═══ INFORMATION SHOWN

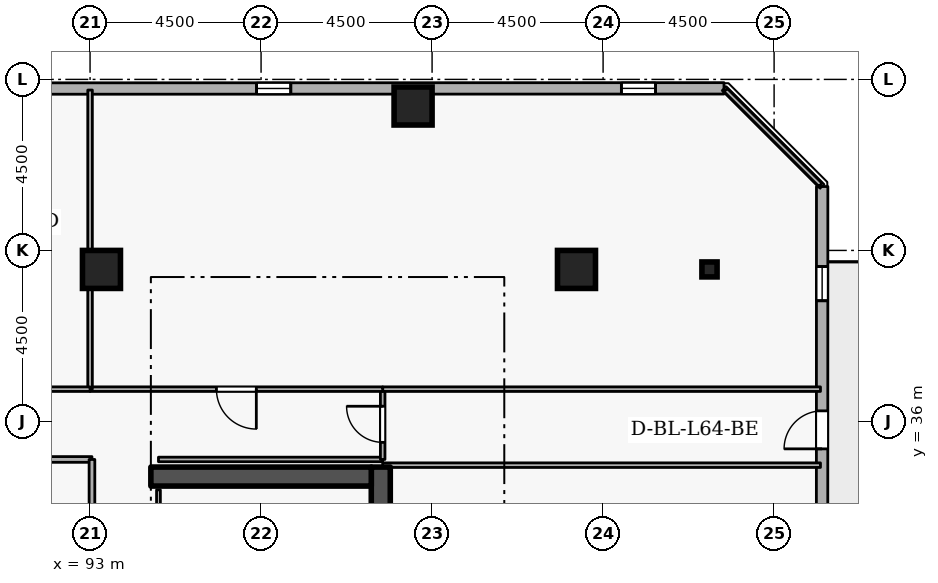
"""IFC4 building model, lengths in metres.
Left out: names, types, materials, properties, quantities, classifications, styles, units other than length and angle.
Written with IfcOpenShell. Run it as: python <this file> out.ifc"""

import sys

from ifc_helpers import new_model, si_unit, direction, frame, frame_2d, origin, origin_2d, place, context, subcontext, project, spatial, rectangle, i_section, extrude, element, fill, save


model = new_model("IFC4")
c1 = context("Model", 3, precision=1e-05, world=origin(), true_north=direction((0.0, 1.0)))
c2 = subcontext(c1, "Body", "Model", "MODEL_VIEW")
j1 = project(units=[si_unit("LENGTHUNIT", "METRE"), si_unit("PLANEANGLEUNIT", "RADIAN")], contexts=[c1])
p1 = place(None, origin())
s1 = spatial("IfcSite", under=j1, at=p1, CompositionType="ELEMENT")
p2 = place(p1, origin())
s2 = spatial("IfcBuilding", under=s1, at=p2, CompositionType="ELEMENT")
p3 = place(p2, frame((0.0, 0.0, 240.3)))
s3 = spatial("IfcBuildingStorey", under=s2, at=p3, CompositionType="ELEMENT", Elevation=240.3)
p4 = place(p3, frame((100.65, 19.2, 0.0), z_axis=(0.0, 0.0, 1.0), x_axis=(0.0, 1.0, 0.0)))
e1 = element("IfcWall", 1, at=p4, inside=s3, PredefinedType="SHEAR", context=c2, shape_type="SweptSolid", body=[
    extrude(rectangle(XDim=15.6, YDim=0.5, at=frame_2d((7.8, 0.0))), origin(), (0.0, 0.0, 1.0), 3.6),
])
p5 = place(p3, frame((94.6, 34.55, 0.0), z_axis=(0.0, 0.0, 1.0), x_axis=(1.0, 0.0, 0.0)))
e2 = element("IfcWall", 2, at=p5, inside=s3, PredefinedType="SHEAR", context=c2, shape_type="SweptSolid", body=[
    extrude(rectangle(XDim=5.8, YDim=0.5, at=frame_2d((2.9, 0.0))), origin(), (0.0, 0.0, 1.0), 3.6),
])
for number, where, z_axis, x_axis in (
    (3, (105.8, 40.0, 0.0), (0.0, 0.0, 1.0), (1.0, 0.0, 0.0)),
    (4, (101.5, 44.3, 0.0), (0.0, 0.0, 1.0), (1.0, 0.0, 0.0)),
    (5, (93.3, 40.0, 0.0), (0.0, 0.0, 1.0), (1.0, 0.0, 0.0)),
):
    element("IfcColumn", number, at=place(p3, frame(where, z_axis=z_axis, x_axis=x_axis)), inside=s3, PredefinedType="COLUMN", context=c2, shape_type="SweptSolid", body=[
        extrude(rectangle(XDim=1.0, YDim=1.0, at=origin_2d()), origin(), (0.0, 0.0, 1.0), 3.6),
    ])
p6 = place(p3, frame((109.3, 40.0, 0.0), z_axis=(0.0, 0.0, 1.0), x_axis=(1.0, 0.0, 0.0)))
e6 = element("IfcColumn", 6, at=p6, inside=s3, PredefinedType="COLUMN", context=c2, shape_type="SweptSolid", body=[
    extrude(i_section(OverallWidth=0.399, OverallDepth=0.394, WebThickness=0.023, FlangeThickness=0.037, FilletRadius=0.015, at=origin_2d()), origin(), (0.0, 0.0, 1.0), 3.6),
])
p7 = place(p3, frame((112.256, 8.576, 0.0), z_axis=(0.0, 0.0, 1.0), x_axis=(0.000268805477, 0.999999963872, 0.0)))
e7 = element("IfcWall", 7, at=p7, inside=s3, PredefinedType="STANDARD", context=c2, shape_type="SweptSolid", body=[
    extrude(rectangle(XDim=33.605, YDim=0.3, at=frame_2d((16.802, 0.0))), origin(), (0.0, 0.0, 1.0), 2.7),
])
p8 = place(p7, frame((26.702, 0.0, 0.0)))
e8 = element("IfcOpeningElement", 8, at=p8, cuts=e7, PredefinedType="OPENING", context=c2, shape_type="SweptSolid", body=[
    extrude(rectangle(XDim=1.0, YDim=2.08, at=frame_2d((0.5, 1.04))), frame((0.0, 0.16, 0.0), z_axis=(0.0, -1.0, 0.0), x_axis=(1.0, 0.0, 0.0)), (0.0, 0.0, 1.0), 0.32),
])
p9 = place(p7, frame((1.8, 0.0, 0.72)))
e9 = element("IfcOpeningElement", 9, at=p9, cuts=e7, PredefinedType="OPENING", context=c2, shape_type="SweptSolid", body=[
    extrude(rectangle(XDim=0.9, YDim=1.75, at=frame_2d((0.45, 0.875))), frame((0.0, 0.16, 0.0), z_axis=(0.0, -1.0, 0.0), x_axis=(1.0, 0.0, 0.0)), (0.0, 0.0, 1.0), 0.32),
])
p10 = place(p7, frame((6.6, 0.0, 0.72)))
e10 = element("IfcOpeningElement", 10, at=p10, cuts=e7, PredefinedType="OPENING", context=c2, shape_type="SweptSolid", body=[
    extrude(rectangle(XDim=0.9, YDim=1.75, at=frame_2d((0.45, 0.875))), frame((0.0, 0.16, 0.0), z_axis=(0.0, -1.0, 0.0), x_axis=(1.0, 0.0, 0.0)), (0.0, 0.0, 1.0), 0.32),
])
p11 = place(p7, frame((11.4, 0.0, 0.72)))
e11 = element("IfcOpeningElement", 11, at=p11, cuts=e7, PredefinedType="OPENING", context=c2, shape_type="SweptSolid", body=[
    extrude(rectangle(XDim=0.9, YDim=1.75, at=frame_2d((0.45, 0.875))), frame((0.0, 0.16, 0.0), z_axis=(0.0, -1.0, 0.0), x_axis=(1.0, 0.0, 0.0)), (0.0, 0.0, 1.0), 0.32),
])
p12 = place(p7, frame((16.2, 0.0, 0.72)))
e12 = element("IfcOpeningElement", 12, at=p12, cuts=e7, PredefinedType="OPENING", context=c2, shape_type="SweptSolid", body=[
    extrude(rectangle(XDim=0.9, YDim=1.75, at=frame_2d((0.45, 0.875))), frame((0.0, 0.16, 0.0), z_axis=(0.0, -1.0, 0.0), x_axis=(1.0, 0.0, 0.0)), (0.0, 0.0, 1.0), 0.32),
])
p13 = place(p7, frame((21.0, 0.0, 0.72)))
e13 = element("IfcOpeningElement", 13, at=p13, cuts=e7, PredefinedType="OPENING", context=c2, shape_type="SweptSolid", body=[
    extrude(rectangle(XDim=0.9, YDim=1.75, at=frame_2d((0.45, 0.875))), frame((0.0, 0.16, 0.0), z_axis=(0.0, -1.0, 0.0), x_axis=(1.0, 0.0, 0.0)), (0.0, 0.0, 1.0), 0.32),
])
p14 = place(p7, frame((30.6, 0.0, 0.72)))
e14 = element("IfcOpeningElement", 14, at=p14, cuts=e7, PredefinedType="OPENING", context=c2, shape_type="SweptSolid", body=[
    extrude(rectangle(XDim=0.9, YDim=1.75, at=frame_2d((0.45, 0.875))), frame((0.0, 0.16, 0.0), z_axis=(0.0, -1.0, 0.0), x_axis=(1.0, 0.0, 0.0)), (0.0, 0.0, 1.0), 0.32),
])
p15 = place(p3, frame((109.681, 44.765, 0.0), z_axis=(0.0, 0.0, 1.0), x_axis=(-0.999999963872, -0.000268805477, 0.0)))
e15 = element("IfcWall", 15, at=p15, inside=s3, PredefinedType="STANDARD", context=c2, shape_type="SweptSolid", body=[
    extrude(rectangle(XDim=33.605, YDim=0.3, at=frame_2d((16.802, 0.0))), origin(), (0.0, 0.0, 1.0), 2.7),
])
p16 = place(p15, frame((1.8, 0.0, 0.72)))
e16 = element("IfcOpeningElement", 16, at=p16, cuts=e15, PredefinedType="OPENING", context=c2, shape_type="SweptSolid", body=[
    extrude(rectangle(XDim=0.9, YDim=1.75, at=frame_2d((0.45, 0.875))), frame((0.0, 0.16, 0.0), z_axis=(0.0, -1.0, 0.0), x_axis=(1.0, 0.0, 0.0)), (0.0, 0.0, 1.0), 0.32),
])
p17 = place(p15, frame((11.4, 0.0, 0.72)))
e17 = element("IfcOpeningElement", 17, at=p17, cuts=e15, PredefinedType="OPENING", context=c2, shape_type="SweptSolid", body=[
    extrude(rectangle(XDim=0.9, YDim=1.75, at=frame_2d((0.45, 0.875))), frame((0.0, 0.16, 0.0), z_axis=(0.0, -1.0, 0.0), x_axis=(1.0, 0.0, 0.0)), (0.0, 0.0, 1.0), 0.32),
])
p18 = place(p15, frame((25.8, 0.0, 0.72)))
e18 = element("IfcOpeningElement", 18, at=p18, cuts=e15, PredefinedType="OPENING", context=c2, shape_type="SweptSolid", body=[
    extrude(rectangle(XDim=0.9, YDim=1.75, at=frame_2d((0.45, 0.875))), frame((0.0, 0.16, 0.0), z_axis=(0.0, -1.0, 0.0), x_axis=(1.0, 0.0, 0.0)), (0.0, 0.0, 1.0), 0.32),
])
p19 = place(p15, frame((30.6, 0.0, 0.72)))
e19 = element("IfcOpeningElement", 19, at=p19, cuts=e15, PredefinedType="OPENING", context=c2, shape_type="SweptSolid", body=[
    extrude(rectangle(XDim=0.9, YDim=1.75, at=frame_2d((0.45, 0.875))), frame((0.0, 0.16, 0.0), z_axis=(0.0, -1.0, 0.0), x_axis=(1.0, 0.0, 0.0)), (0.0, 0.0, 1.0), 0.32),
])
p20 = place(p3, frame((94.8, 32.05, 0.0), z_axis=(0.0, 0.0, 1.0), x_axis=(0.0, 1.0, 0.0)))
e20 = element("IfcWall", 20, at=p20, inside=s3, PredefinedType="PARTITIONING", context=c2, shape_type="SweptSolid", body=[
    extrude(rectangle(XDim=2.15, YDim=0.1, at=frame_2d((1.075, 0.0))), origin(), (0.0, 0.0, 1.0), 3.34),
])
p21 = place(p20, frame((0.6, 0.0, 0.0)))
e21 = element("IfcOpeningElement", 21, at=p21, cuts=e20, PredefinedType="OPENING", context=c2, shape_type="SweptSolid", body=[
    extrude(rectangle(XDim=0.95, YDim=2.1, at=frame_2d((0.475, 1.05))), frame((0.0, 0.06, 0.0), z_axis=(0.0, -1.0, 0.0), x_axis=(1.0, 0.0, 0.0)), (0.0, 0.0, 1.0), 0.12),
])
p22 = place(p3, frame((94.8, 35.0, 0.0), z_axis=(0.0, 0.0, 1.0), x_axis=(1.0, 0.0, 0.0)))
e22 = element("IfcWall", 22, at=p22, inside=s3, PredefinedType="PARTITIONING", context=c2, shape_type="SweptSolid", body=[
    extrude(rectangle(XDim=5.9, YDim=0.12, at=frame_2d((2.95, 0.0))), origin(), (0.0, 0.0, 1.0), 3.34),
])
p23 = place(p3, frame((100.7, 35.0, 0.0), z_axis=(0.0, 0.0, 1.0), x_axis=(0.0, 1.0, 0.0)))
e23 = element("IfcWall", 23, at=p23, inside=s3, PredefinedType="PARTITIONING", context=c2, shape_type="SweptSolid", body=[
    extrude(rectangle(XDim=1.85, YDim=0.12, at=frame_2d((0.925, 0.0))), origin(), (0.0, 0.0, 1.0), 3.34),
])
p24 = place(p23, frame((0.45, 0.0, 0.0)))
e24 = element("IfcOpeningElement", 24, at=p24, cuts=e23, PredefinedType="OPENING", context=c2, shape_type="SweptSolid", body=[
    extrude(rectangle(XDim=0.95, YDim=2.1, at=frame_2d((0.475, 1.05))), frame((0.0, 0.07, 0.0), z_axis=(0.0, -1.0, 0.0), x_axis=(1.0, 0.0, 0.0)), (0.0, 0.0, 1.0), 0.14),
])
for number, where, z_axis, x_axis in (
    (25, (100.7, 36.85, 0.0), (0.0, 0.0, 1.0), (1.0, 0.0, 0.0)),
    (26, (112.22, 34.85, 0.0), (0.0, 0.0, 1.0), (-1.0, 0.0, 0.0)),
):
    element("IfcWall", number, at=place(p3, frame(where, z_axis=z_axis, x_axis=x_axis)), inside=s3, PredefinedType="PARTITIONING", context=c2, shape_type="SweptSolid", body=[
        extrude(rectangle(XDim=11.52, YDim=0.12, at=frame_2d((5.76, 0.0))), origin(), (0.0, 0.0, 1.0), 3.34),
    ])
p25 = place(p3, frame((100.7, 36.85, 0.0), z_axis=(0.0, 0.0, 1.0), x_axis=(-1.0, 0.0, 0.0)))
e27 = element("IfcWall", 27, at=p25, inside=s3, PredefinedType="PARTITIONING", context=c2, shape_type="SweptSolid", body=[
    extrude(rectangle(XDim=7.7, YDim=0.12, at=frame_2d((3.85, 0.0))), origin(), (0.0, 0.0, 1.0), 3.34),
])
p26 = place(p25, frame((3.325, 0.0, 0.0)))
e28 = element("IfcOpeningElement", 28, at=p26, cuts=e27, PredefinedType="OPENING", context=c2, shape_type="SweptSolid", body=[
    extrude(rectangle(XDim=1.05, YDim=2.1, at=frame_2d((0.525, 1.05))), frame((0.0, 0.07, 0.0), z_axis=(0.0, -1.0, 0.0), x_axis=(1.0, 0.0, 0.0)), (0.0, 0.0, 1.0), 0.14),
])
p27 = place(p3, frame((93.0, 36.85, 0.0), z_axis=(0.0, 0.0, 1.0), x_axis=(0.0, 1.0, 0.0)))
e29 = element("IfcWall", 29, at=p27, inside=s3, PredefinedType="PARTITIONING", context=c2, shape_type="SweptSolid", body=[
    extrude(rectangle(XDim=7.87, YDim=0.12, at=frame_2d((3.935, 0.0))), origin(), (0.0, 0.0, 1.0), 3.34),
])
p28 = place(p3, frame((109.725, 44.72, 0.0), z_axis=(0.0, 0.0, 1.0), x_axis=(0.707106781187, -0.707106781187, 0.0)))
e30 = element("IfcWall", 30, at=p28, inside=s3, PredefinedType="PARTITIONING", context=c2, shape_type="SweptSolid", body=[
    extrude(rectangle(XDim=3.528, YDim=0.12, at=frame_2d((1.764, 0.0))), origin(), (0.0, 0.0, 1.0), 3.34),
])
p29 = place(p3, frame((93.0, 36.85, 0.0), z_axis=(0.0, 0.0, 1.0), x_axis=(-1.0, 0.0, 0.0)))
e31 = element("IfcWall", 31, at=p29, inside=s3, PredefinedType="PARTITIONING", context=c2, shape_type="SweptSolid", body=[
    extrude(rectangle(XDim=6.3, YDim=0.12, at=frame_2d((3.15, 0.0))), origin(), (0.0, 0.0, 1.0), 3.34),
])
p30 = place(p29, frame((2.675, 0.0, 0.0)))
e32 = element("IfcOpeningElement", 32, at=p30, cuts=e31, PredefinedType="OPENING", context=c2, shape_type="SweptSolid", body=[
    extrude(rectangle(XDim=0.95, YDim=2.1, at=frame_2d((0.475, 1.05))), frame((0.0, 0.07, 0.0), z_axis=(0.0, -1.0, 0.0), x_axis=(1.0, 0.0, 0.0)), (0.0, 0.0, 1.0), 0.14),
])
p31 = place(p3, frame((88.5, 35.0, 0.0), z_axis=(0.0, 0.0, 1.0), x_axis=(1.0, 0.0, 0.0)))
e33 = element("IfcWall", 33, at=p31, inside=s3, PredefinedType="PARTITIONING", context=c2, shape_type="SweptSolid", body=[
    extrude(rectangle(XDim=4.55, YDim=0.15, at=frame_2d((2.275, 0.0))), origin(), (0.0, 0.0, 1.0), 3.34),
])
p32 = place(p31, frame((1.625, 0.0, 0.0)))
e34 = element("IfcOpeningElement", 34, at=p32, cuts=e33, PredefinedType="OPENING", context=c2, shape_type="SweptSolid", body=[
    extrude(rectangle(XDim=1.3, YDim=2.12, at=frame_2d((0.65, 1.06))), frame((0.0, 0.085, 0.0), z_axis=(0.0, -1.0, 0.0), x_axis=(1.0, 0.0, 0.0)), (0.0, 0.0, 1.0), 0.17),
])
p33 = place(p3, frame((93.05, 35.0, 0.0), z_axis=(0.0, 0.0, 1.0), x_axis=(0.0, -1.0, 0.0)))
e35 = element("IfcWall", 35, at=p33, inside=s3, PredefinedType="PARTITIONING", context=c2, shape_type="SweptSolid", body=[
    extrude(rectangle(XDim=2.8, YDim=0.15, at=frame_2d((1.4, 0.0))), origin(), (0.0, 0.0, 1.0), 3.34),
])
p34 = place(p8, origin())
e36 = element("IfcDoor", 36, at=p34, inside=s3, OperationType="SINGLE_SWING_LEFT", PredefinedType="DOOR", context=c2, shape_type="SweptSolid", body=[
    extrude(rectangle(XDim=1.0, YDim=2.08, at=frame_2d((0.5, 1.04))), frame((0.0, 0.025, 0.0), z_axis=(0.0, -1.0, 0.0), x_axis=(1.0, 0.0, 0.0)), (0.0, 0.0, 1.0), 0.05),
])
fill(e8, e36)
p35 = place(p14, origin())
e37 = element("IfcWindow", 37, at=p35, inside=s3, PartitioningType="SINGLE_PANEL", PredefinedType="WINDOW", context=c2, shape_type="SweptSolid", body=[
    extrude(rectangle(XDim=0.9, YDim=1.75, at=frame_2d((0.45, 0.875))), frame((0.0, 0.03, 0.0), z_axis=(0.0, -1.0, 0.0), x_axis=(1.0, 0.0, 0.0)), (0.0, 0.0, 1.0), 0.06),
])
fill(e14, e37)
p36 = place(p16, origin())
e38 = element("IfcWindow", 38, at=p36, inside=s3, PartitioningType="SINGLE_PANEL", PredefinedType="WINDOW", context=c2, shape_type="SweptSolid", body=[
    extrude(rectangle(XDim=0.9, YDim=1.75, at=frame_2d((0.45, 0.875))), frame((0.0, 0.03, 0.0), z_axis=(0.0, -1.0, 0.0), x_axis=(1.0, 0.0, 0.0)), (0.0, 0.0, 1.0), 0.06),
])
fill(e16, e38)
p37 = place(p17, origin())
e39 = element("IfcWindow", 39, at=p37, inside=s3, PartitioningType="SINGLE_PANEL", PredefinedType="WINDOW", context=c2, shape_type="SweptSolid", body=[
    extrude(rectangle(XDim=0.9, YDim=1.75, at=frame_2d((0.45, 0.875))), frame((0.0, 0.03, 0.0), z_axis=(0.0, -1.0, 0.0), x_axis=(1.0, 0.0, 0.0)), (0.0, 0.0, 1.0), 0.06),
])
fill(e17, e39)
p38 = place(p24, origin())
e40 = element("IfcDoor", 40, at=p38, inside=s3, OperationType="SINGLE_SWING_RIGHT", PredefinedType="DOOR", context=c2, shape_type="SweptSolid", body=[
    extrude(rectangle(XDim=0.95, YDim=2.1, at=frame_2d((0.475, 1.05))), frame((0.0, 0.025, 0.0), z_axis=(0.0, -1.0, 0.0), x_axis=(1.0, 0.0, 0.0)), (0.0, 0.0, 1.0), 0.05),
])
fill(e24, e40)
p39 = place(p26, origin())
e41 = element("IfcDoor", 41, at=p39, inside=s3, OperationType="SINGLE_SWING_LEFT", PredefinedType="DOOR", context=c2, shape_type="SweptSolid", body=[
    extrude(rectangle(XDim=1.05, YDim=2.1, at=frame_2d((0.525, 1.05))), frame((0.0, 0.025, 0.0), z_axis=(0.0, -1.0, 0.0), x_axis=(1.0, 0.0, 0.0)), (0.0, 0.0, 1.0), 0.05),
])
fill(e28, e41)
save(model, sys.argv[1])

══════

## YOUR GOAL
Restate the data word for word from its first line through the line with "p3 = place(p2, frame((0.0, 0.0, 240.3)))", leaving out any picture along the way.

## RESULT BELOW
"""IFC4 building model, lengths in metres.
Left out: names, types, materials, properties, quantities, classifications, styles, units other than length and angle.
Written with IfcOpenShell. Run it as: python <this file> out.ifc"""

import sys

from ifc_helpers import new_model, si_unit, direction, frame, frame_2d, origin, origin_2d, place, context, subcontext, project, spatial, rectangle, i_section, extrude, element, fill, save


model = new_model("IFC4")
c1 = context("Model", 3, precision=1e-05, world=origin(), true_north=direction((0.0, 1.0)))
c2 = subcontext(c1, "Body", "Model", "MODEL_VIEW")
j1 = project(units=[si_unit("LENGTHUNIT", "METRE"), si_unit("PLANEANGLEUNIT", "RADIAN")], contexts=[c1])
p1 = place(None, origin())
s1 = spatial("IfcSite", under=j1, at=p1, CompositionType="ELEMENT")
p2 = place(p1, origin())
s2 = spatial("IfcBuilding", under=s1, at=p2, CompositionType="ELEMENT")
p3 = place(p2, frame((0.0, 0.0, 240.3)))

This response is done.